### Exercise objective
Work out the number of lines below containing the word "centre" and give nothing besides it.

——

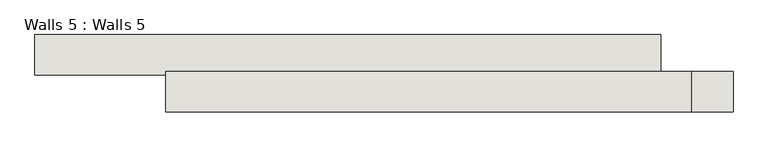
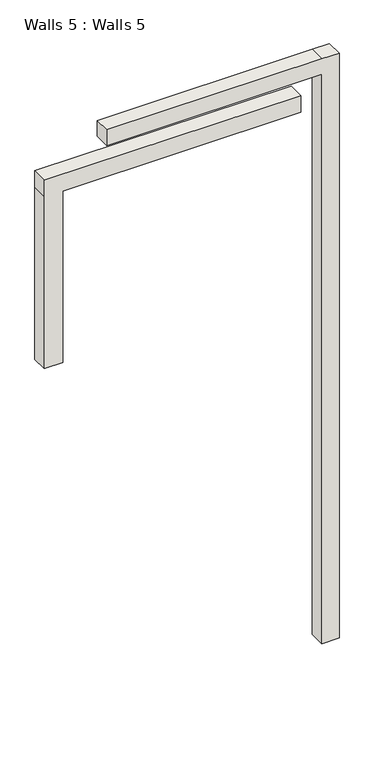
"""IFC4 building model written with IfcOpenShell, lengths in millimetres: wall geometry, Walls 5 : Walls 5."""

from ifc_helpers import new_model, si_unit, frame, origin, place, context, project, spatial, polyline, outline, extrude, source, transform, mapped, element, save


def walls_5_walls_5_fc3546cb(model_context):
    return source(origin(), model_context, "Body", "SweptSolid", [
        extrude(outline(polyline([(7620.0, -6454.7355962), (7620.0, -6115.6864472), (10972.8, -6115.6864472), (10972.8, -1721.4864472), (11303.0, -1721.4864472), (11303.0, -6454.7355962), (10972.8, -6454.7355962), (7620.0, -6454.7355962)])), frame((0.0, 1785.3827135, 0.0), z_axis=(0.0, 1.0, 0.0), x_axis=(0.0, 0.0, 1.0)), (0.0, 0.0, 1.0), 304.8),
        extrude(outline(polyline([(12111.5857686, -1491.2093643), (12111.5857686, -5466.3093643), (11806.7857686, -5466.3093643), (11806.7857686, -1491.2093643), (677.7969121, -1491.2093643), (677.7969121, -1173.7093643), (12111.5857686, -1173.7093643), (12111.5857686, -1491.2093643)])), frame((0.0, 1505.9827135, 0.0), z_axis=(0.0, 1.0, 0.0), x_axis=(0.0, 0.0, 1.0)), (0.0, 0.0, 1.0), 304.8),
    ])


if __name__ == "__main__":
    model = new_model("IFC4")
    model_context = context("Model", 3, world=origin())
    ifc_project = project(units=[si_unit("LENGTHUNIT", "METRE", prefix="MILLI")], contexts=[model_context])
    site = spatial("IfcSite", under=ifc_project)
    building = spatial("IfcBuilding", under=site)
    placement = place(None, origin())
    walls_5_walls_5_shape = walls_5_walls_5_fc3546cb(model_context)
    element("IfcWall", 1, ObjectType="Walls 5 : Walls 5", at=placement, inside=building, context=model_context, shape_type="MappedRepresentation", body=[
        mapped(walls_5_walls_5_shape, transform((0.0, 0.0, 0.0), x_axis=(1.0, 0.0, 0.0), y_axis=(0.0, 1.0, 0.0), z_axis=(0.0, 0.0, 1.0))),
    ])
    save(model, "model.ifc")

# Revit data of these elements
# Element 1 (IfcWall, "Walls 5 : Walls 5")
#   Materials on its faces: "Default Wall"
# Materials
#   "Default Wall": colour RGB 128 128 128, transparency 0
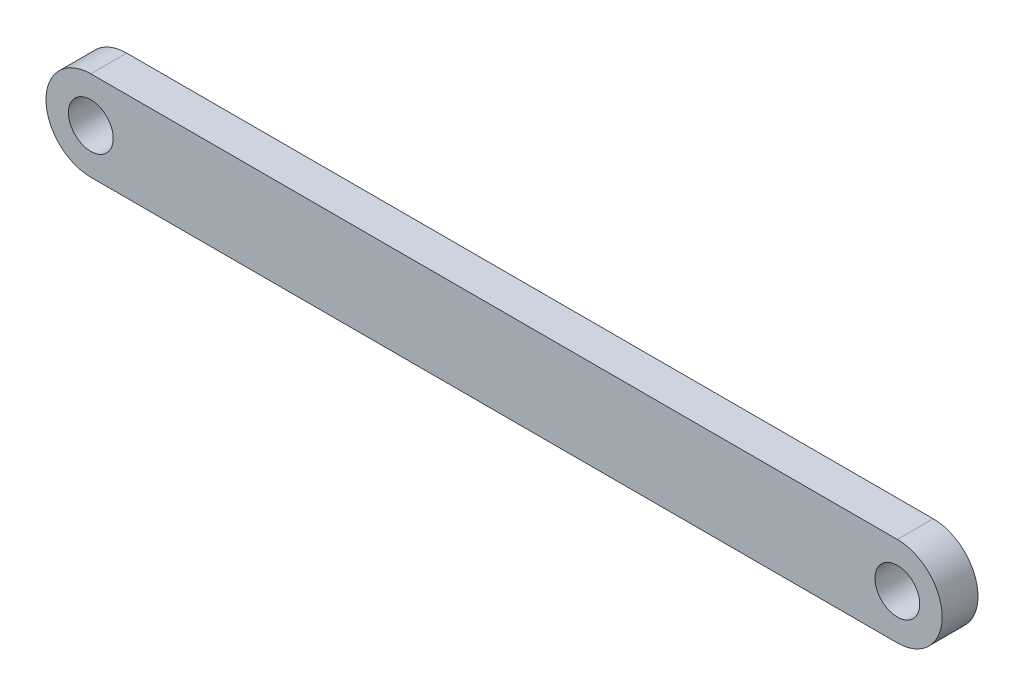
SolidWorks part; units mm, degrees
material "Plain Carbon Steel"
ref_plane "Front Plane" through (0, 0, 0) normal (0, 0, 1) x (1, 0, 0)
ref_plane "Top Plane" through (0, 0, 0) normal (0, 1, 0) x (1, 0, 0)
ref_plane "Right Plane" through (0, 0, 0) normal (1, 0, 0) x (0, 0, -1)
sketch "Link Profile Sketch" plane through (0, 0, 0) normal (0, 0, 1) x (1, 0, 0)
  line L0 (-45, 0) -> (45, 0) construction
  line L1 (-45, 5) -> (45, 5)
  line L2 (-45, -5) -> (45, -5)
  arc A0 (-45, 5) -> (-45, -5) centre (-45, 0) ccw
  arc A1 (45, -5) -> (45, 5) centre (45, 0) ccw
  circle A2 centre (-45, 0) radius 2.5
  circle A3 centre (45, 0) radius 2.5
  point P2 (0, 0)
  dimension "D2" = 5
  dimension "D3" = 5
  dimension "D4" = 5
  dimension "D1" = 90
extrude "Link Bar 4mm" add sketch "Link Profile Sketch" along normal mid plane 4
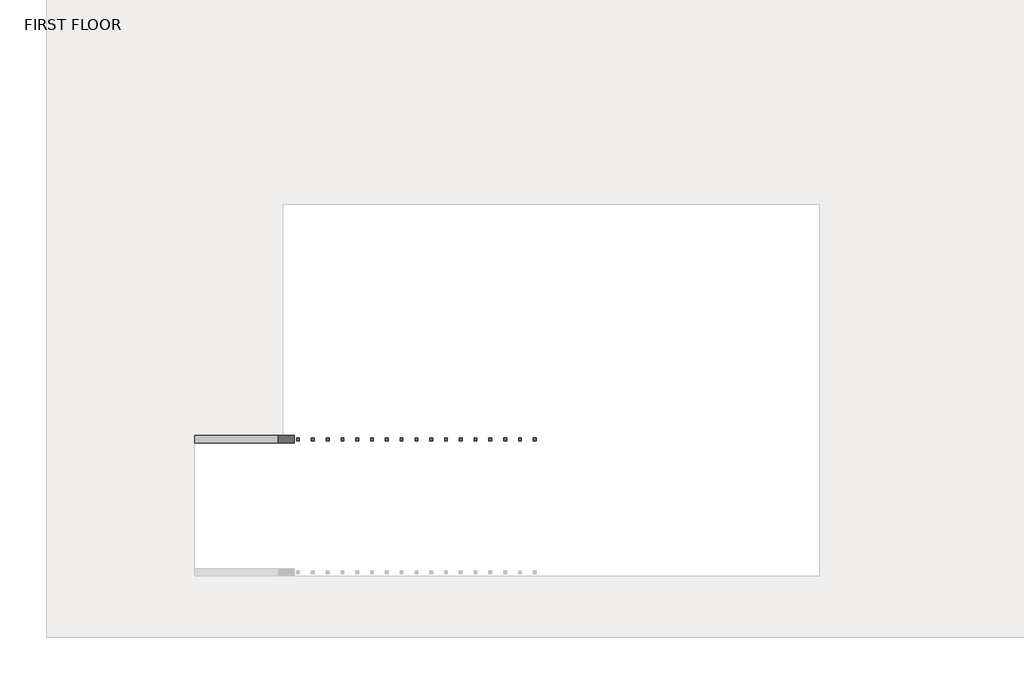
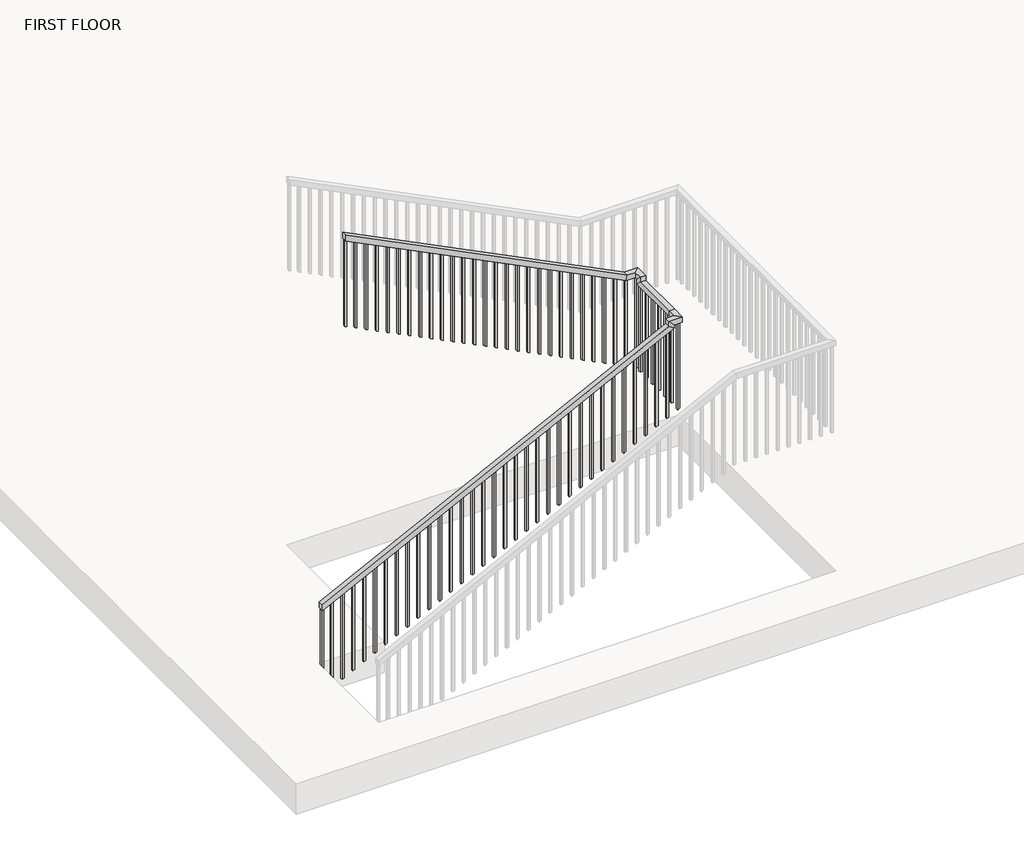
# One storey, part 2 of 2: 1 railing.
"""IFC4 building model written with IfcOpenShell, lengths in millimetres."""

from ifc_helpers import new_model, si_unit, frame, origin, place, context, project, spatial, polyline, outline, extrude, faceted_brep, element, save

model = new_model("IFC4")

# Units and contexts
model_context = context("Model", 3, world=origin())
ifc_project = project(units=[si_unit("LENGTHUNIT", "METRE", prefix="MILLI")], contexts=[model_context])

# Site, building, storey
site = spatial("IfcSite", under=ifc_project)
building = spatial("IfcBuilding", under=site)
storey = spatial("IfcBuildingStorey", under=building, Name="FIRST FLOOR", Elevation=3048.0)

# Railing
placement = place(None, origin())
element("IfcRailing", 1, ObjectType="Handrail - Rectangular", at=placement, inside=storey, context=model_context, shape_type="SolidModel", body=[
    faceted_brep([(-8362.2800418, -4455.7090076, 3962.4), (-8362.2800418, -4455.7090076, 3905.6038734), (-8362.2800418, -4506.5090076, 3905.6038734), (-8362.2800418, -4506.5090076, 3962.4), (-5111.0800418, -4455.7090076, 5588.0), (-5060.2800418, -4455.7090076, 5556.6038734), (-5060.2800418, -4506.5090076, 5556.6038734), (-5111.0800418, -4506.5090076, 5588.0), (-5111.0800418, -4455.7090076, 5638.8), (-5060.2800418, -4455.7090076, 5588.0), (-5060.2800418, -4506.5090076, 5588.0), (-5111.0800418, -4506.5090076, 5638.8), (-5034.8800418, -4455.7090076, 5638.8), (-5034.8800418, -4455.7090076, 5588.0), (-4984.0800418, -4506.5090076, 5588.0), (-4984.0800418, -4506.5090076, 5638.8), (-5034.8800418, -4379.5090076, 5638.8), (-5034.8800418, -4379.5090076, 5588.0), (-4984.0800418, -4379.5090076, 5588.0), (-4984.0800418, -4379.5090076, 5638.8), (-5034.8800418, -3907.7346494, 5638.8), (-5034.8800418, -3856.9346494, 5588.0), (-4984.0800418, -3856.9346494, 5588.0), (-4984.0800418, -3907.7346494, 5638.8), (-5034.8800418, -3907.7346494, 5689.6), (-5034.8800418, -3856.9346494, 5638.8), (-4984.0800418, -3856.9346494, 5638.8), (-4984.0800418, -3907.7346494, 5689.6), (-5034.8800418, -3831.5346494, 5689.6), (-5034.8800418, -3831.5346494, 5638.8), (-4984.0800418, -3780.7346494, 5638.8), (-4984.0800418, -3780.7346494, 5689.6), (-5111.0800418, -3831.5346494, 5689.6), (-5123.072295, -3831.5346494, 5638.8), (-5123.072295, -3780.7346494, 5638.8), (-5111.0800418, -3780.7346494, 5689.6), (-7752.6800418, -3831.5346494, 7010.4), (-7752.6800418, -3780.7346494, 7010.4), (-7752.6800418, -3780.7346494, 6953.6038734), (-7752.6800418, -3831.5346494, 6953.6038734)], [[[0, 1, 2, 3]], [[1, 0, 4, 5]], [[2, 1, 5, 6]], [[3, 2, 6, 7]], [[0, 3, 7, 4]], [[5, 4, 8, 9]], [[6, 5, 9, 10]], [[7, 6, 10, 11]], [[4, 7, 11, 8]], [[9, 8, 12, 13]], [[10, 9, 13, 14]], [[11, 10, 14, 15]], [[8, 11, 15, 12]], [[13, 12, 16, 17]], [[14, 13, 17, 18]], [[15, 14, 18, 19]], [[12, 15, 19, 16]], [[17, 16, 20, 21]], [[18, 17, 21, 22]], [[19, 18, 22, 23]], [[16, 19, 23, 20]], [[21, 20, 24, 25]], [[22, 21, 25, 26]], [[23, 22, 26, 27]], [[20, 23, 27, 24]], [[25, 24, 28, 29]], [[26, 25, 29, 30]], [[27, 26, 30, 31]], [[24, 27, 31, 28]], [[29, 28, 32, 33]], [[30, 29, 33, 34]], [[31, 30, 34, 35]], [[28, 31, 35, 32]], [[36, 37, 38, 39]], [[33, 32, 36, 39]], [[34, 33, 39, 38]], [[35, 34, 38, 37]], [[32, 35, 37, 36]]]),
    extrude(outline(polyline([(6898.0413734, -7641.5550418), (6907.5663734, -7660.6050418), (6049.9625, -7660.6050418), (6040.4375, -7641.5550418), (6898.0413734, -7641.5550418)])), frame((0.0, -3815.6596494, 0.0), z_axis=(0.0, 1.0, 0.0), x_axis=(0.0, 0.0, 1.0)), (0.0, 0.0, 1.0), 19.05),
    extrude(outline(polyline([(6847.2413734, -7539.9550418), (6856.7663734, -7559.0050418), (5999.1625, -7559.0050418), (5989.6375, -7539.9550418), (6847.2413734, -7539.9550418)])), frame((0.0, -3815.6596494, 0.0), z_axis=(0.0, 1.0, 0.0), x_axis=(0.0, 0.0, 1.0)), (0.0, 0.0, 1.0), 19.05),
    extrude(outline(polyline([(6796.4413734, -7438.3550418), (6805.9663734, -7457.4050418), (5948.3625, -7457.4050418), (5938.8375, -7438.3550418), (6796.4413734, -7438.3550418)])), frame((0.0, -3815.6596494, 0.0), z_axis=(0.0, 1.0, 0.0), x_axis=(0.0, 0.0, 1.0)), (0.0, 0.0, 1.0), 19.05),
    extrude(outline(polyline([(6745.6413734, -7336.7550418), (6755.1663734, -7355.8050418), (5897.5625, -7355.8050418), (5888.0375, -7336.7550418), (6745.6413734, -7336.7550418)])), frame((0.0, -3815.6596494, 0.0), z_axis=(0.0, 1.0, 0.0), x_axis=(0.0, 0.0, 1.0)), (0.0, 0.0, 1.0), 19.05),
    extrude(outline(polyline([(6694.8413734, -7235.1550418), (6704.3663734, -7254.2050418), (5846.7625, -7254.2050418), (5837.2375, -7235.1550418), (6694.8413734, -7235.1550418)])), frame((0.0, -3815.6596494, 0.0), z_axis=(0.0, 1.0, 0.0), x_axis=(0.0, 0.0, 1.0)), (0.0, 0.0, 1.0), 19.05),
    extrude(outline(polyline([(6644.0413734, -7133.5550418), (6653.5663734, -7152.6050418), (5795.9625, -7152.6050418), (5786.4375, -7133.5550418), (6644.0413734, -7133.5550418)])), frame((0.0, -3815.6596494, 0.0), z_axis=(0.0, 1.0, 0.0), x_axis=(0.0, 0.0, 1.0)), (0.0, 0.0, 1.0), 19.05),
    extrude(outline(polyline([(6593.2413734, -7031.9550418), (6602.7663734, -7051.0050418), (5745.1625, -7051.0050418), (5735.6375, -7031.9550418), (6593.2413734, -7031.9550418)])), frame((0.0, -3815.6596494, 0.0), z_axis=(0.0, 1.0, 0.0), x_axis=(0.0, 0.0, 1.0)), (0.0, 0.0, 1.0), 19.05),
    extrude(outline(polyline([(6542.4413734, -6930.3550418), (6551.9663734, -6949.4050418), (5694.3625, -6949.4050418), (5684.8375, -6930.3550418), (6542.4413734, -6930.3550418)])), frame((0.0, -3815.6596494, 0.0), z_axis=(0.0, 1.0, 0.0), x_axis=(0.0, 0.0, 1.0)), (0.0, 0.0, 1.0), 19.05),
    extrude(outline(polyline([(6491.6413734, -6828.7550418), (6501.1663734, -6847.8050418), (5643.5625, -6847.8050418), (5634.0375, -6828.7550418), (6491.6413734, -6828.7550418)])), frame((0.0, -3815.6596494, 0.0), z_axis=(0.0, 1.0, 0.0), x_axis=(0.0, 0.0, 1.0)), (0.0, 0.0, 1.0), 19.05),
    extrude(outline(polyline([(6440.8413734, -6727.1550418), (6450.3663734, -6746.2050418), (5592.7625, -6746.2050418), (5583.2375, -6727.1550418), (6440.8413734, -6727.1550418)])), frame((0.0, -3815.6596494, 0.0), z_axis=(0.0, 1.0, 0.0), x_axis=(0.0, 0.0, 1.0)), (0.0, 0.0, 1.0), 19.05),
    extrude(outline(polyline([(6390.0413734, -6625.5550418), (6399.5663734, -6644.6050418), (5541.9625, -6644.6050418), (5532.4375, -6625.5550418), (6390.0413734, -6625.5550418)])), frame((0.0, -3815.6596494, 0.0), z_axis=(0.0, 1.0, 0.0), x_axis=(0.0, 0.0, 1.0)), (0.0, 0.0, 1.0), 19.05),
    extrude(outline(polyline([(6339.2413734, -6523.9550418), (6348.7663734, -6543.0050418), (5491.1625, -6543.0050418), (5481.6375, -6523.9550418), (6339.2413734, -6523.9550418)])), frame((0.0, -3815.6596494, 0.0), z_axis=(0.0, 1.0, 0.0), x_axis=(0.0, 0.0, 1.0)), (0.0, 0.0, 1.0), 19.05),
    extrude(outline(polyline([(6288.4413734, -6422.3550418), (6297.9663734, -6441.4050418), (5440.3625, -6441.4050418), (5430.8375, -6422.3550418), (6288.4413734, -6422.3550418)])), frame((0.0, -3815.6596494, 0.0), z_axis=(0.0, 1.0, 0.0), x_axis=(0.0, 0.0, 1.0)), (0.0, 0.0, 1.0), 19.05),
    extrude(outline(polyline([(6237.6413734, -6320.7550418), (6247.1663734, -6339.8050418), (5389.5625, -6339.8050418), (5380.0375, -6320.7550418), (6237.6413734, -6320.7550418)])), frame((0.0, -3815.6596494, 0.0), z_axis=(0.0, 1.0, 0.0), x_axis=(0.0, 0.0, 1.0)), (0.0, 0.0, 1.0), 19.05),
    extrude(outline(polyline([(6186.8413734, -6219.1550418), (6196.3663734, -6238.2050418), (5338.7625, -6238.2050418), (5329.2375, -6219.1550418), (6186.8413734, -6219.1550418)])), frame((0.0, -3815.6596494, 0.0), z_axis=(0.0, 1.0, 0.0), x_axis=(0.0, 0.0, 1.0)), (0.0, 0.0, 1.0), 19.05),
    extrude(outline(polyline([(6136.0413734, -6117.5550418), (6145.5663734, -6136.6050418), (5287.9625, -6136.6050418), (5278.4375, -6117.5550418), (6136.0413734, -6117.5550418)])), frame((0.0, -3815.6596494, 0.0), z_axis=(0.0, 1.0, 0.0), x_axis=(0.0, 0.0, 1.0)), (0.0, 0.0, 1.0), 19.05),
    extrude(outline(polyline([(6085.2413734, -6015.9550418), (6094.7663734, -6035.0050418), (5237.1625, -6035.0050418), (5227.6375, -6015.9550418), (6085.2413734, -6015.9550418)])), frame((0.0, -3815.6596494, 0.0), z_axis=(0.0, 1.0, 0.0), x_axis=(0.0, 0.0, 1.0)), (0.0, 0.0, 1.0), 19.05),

——

### Task answer
4